### The problem
Hunt through the lines below for the string "units" and copy each one that has it.

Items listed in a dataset
* * * * * * * * *
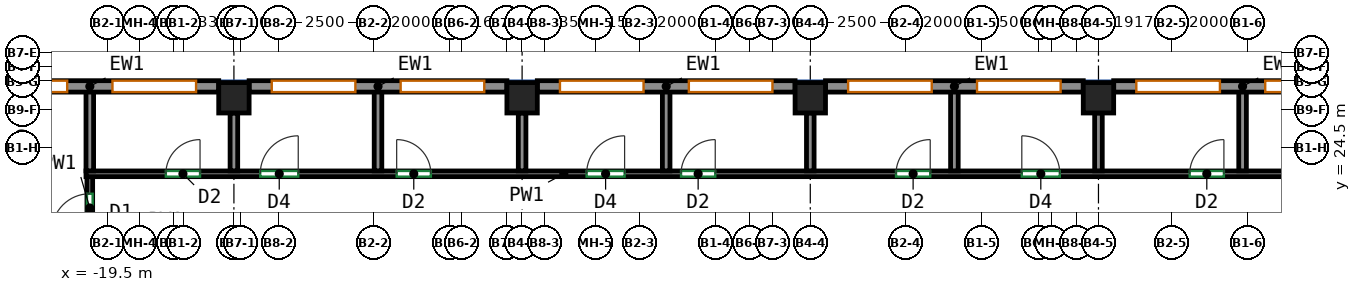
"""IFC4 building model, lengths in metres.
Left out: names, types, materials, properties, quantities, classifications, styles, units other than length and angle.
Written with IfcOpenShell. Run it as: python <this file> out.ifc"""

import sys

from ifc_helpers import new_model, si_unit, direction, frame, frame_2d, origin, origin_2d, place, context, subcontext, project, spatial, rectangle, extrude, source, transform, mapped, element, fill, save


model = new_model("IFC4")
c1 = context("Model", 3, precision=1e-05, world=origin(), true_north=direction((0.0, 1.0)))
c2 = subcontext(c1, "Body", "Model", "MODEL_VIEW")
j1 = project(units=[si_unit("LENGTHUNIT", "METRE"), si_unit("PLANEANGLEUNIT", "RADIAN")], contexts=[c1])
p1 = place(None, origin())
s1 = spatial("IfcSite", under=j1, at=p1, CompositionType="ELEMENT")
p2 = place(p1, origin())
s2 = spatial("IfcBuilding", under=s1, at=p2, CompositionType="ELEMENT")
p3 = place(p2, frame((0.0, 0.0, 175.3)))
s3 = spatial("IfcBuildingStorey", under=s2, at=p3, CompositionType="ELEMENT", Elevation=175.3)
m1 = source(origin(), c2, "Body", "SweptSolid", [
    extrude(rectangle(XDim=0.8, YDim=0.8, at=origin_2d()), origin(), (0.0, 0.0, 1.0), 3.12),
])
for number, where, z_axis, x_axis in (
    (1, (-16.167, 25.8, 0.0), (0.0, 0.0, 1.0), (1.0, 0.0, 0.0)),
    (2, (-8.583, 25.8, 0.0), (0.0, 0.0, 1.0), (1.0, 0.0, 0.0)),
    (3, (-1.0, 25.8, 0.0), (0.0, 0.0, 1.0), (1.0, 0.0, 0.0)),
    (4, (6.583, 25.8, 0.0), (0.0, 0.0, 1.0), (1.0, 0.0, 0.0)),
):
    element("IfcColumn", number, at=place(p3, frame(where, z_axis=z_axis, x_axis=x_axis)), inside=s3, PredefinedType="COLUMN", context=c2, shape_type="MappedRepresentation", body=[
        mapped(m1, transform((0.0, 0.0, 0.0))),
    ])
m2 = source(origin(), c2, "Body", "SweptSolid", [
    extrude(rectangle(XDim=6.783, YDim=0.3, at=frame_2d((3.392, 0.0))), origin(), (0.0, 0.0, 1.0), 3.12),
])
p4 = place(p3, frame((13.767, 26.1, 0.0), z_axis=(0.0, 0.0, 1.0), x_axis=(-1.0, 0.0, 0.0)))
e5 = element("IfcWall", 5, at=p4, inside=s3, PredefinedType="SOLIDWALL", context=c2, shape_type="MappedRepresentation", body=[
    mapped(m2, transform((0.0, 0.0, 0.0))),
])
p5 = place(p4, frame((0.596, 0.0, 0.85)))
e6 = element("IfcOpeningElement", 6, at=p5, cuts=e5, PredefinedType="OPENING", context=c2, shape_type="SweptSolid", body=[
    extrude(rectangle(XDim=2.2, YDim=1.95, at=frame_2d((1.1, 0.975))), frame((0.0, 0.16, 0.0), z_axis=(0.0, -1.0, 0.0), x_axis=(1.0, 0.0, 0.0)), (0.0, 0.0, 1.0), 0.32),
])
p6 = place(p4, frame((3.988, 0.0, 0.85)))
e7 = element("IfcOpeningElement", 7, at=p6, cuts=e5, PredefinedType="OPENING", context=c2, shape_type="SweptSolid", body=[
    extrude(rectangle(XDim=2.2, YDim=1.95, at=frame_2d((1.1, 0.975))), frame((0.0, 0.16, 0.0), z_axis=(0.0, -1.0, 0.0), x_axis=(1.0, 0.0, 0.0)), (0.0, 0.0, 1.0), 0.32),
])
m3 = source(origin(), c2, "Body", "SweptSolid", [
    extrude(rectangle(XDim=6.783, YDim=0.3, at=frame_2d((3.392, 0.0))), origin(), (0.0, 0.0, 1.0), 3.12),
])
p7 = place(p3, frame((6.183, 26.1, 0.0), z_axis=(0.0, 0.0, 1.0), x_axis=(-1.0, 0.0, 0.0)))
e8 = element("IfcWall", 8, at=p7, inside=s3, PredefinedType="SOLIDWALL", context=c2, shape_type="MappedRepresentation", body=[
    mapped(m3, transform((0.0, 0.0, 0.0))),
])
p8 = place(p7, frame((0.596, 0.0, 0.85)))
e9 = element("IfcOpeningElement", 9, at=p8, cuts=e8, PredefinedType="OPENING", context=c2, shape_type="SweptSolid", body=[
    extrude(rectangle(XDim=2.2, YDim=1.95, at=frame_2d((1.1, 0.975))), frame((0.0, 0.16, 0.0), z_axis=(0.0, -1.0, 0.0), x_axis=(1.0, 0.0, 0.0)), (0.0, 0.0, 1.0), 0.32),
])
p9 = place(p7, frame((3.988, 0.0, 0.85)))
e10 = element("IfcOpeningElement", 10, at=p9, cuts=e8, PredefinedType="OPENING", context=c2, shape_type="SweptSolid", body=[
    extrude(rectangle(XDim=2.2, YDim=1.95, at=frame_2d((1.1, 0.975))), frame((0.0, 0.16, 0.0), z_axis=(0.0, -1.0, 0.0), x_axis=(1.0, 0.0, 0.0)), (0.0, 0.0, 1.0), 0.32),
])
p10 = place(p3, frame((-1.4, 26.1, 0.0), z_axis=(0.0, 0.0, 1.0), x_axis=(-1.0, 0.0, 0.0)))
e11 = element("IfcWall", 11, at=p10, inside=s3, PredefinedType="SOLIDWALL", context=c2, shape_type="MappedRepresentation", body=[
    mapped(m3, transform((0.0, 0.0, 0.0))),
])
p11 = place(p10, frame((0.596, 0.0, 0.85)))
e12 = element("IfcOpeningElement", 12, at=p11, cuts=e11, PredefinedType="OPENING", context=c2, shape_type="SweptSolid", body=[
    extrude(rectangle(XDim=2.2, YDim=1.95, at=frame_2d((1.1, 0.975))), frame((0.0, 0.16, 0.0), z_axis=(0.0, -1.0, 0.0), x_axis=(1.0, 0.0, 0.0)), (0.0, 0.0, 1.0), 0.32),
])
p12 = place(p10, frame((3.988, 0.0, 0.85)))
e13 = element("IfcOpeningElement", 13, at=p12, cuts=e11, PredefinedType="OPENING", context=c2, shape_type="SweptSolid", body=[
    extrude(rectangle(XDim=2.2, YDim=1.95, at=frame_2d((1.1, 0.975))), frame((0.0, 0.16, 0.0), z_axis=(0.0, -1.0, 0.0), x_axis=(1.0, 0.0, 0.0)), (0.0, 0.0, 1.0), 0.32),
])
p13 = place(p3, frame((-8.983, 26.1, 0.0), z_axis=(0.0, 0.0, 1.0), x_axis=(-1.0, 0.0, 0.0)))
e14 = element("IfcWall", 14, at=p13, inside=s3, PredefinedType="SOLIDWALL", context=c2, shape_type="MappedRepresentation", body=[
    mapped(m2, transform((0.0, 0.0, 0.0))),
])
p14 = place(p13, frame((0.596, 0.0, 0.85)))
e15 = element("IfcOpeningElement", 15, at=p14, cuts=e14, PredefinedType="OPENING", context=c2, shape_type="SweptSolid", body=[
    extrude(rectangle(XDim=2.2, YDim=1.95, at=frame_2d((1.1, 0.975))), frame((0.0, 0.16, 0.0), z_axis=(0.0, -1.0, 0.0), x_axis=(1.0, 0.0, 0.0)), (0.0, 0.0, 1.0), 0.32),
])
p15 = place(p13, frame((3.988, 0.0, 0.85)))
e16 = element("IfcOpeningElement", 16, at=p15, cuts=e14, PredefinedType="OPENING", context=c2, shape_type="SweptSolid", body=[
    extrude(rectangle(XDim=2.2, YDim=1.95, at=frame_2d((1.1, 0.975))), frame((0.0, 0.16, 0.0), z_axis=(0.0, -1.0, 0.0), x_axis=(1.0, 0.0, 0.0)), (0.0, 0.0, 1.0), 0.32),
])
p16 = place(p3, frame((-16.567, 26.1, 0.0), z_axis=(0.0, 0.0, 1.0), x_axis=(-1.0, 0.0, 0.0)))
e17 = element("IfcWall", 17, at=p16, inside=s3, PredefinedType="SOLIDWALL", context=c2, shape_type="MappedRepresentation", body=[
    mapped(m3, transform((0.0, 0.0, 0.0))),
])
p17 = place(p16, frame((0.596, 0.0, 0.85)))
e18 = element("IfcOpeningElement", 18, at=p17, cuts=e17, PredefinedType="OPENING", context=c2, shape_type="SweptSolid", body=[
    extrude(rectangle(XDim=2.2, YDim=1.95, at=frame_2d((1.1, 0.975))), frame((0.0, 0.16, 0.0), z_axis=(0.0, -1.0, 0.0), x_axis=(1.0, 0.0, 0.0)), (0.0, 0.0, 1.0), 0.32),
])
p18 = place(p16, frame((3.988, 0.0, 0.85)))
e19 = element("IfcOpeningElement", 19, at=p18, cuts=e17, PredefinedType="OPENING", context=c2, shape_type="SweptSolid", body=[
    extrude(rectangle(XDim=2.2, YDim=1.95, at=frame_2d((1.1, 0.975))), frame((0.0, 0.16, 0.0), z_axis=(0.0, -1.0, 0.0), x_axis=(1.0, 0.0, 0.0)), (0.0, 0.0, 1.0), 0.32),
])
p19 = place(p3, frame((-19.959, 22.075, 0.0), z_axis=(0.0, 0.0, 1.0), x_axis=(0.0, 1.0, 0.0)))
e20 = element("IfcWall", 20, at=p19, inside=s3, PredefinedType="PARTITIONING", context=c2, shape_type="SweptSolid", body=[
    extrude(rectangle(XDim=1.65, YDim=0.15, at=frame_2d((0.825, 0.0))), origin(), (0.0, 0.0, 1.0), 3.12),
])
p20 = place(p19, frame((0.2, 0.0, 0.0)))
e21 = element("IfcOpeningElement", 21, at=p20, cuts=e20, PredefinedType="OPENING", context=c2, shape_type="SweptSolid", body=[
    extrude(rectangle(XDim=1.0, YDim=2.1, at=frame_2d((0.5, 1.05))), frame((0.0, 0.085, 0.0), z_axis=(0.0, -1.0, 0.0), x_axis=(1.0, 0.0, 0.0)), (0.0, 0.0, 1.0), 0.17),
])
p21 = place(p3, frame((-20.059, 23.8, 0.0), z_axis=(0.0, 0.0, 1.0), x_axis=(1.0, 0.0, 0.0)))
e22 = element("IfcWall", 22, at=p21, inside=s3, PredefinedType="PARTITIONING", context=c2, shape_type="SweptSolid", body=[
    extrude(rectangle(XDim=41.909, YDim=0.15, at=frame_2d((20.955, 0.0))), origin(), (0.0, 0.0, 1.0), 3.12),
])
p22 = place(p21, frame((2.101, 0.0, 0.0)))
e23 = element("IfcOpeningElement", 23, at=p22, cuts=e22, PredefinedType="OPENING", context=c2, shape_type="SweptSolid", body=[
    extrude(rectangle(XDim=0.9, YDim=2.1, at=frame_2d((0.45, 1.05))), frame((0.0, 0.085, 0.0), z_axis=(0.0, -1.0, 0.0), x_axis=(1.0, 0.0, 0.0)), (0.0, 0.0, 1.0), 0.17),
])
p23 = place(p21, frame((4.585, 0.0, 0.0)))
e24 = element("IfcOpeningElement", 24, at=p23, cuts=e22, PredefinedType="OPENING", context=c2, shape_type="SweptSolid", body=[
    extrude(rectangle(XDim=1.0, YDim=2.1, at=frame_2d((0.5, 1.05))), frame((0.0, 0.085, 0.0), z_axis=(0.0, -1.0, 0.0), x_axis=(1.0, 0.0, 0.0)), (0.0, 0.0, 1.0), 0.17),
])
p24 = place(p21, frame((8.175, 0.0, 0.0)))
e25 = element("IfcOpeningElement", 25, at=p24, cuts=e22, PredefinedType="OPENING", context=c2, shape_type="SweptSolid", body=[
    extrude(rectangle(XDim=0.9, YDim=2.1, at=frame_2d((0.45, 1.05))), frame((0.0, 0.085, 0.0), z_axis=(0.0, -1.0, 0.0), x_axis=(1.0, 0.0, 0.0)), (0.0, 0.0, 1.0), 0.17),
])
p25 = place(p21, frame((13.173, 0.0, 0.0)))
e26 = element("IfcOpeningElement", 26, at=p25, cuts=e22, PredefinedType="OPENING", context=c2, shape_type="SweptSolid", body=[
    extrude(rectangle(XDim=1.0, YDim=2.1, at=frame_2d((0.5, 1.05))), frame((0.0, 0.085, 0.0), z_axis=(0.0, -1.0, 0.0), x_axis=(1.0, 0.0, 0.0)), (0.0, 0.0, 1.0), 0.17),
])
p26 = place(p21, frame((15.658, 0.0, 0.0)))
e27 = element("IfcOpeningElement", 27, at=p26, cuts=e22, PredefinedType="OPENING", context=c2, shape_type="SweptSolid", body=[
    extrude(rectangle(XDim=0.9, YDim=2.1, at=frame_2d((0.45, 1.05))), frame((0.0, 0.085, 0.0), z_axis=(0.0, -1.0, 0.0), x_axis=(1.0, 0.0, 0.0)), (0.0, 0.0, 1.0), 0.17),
* * * * * * * * *
### Answer to the exercise
Left out: names, types, materials, properties, quantities, classifications, styles, units other than length and angle.
j1 = project(units=[si_unit("LENGTHUNIT", "METRE"), si_unit("PLANEANGLEUNIT", "RADIAN")], contexts=[c1])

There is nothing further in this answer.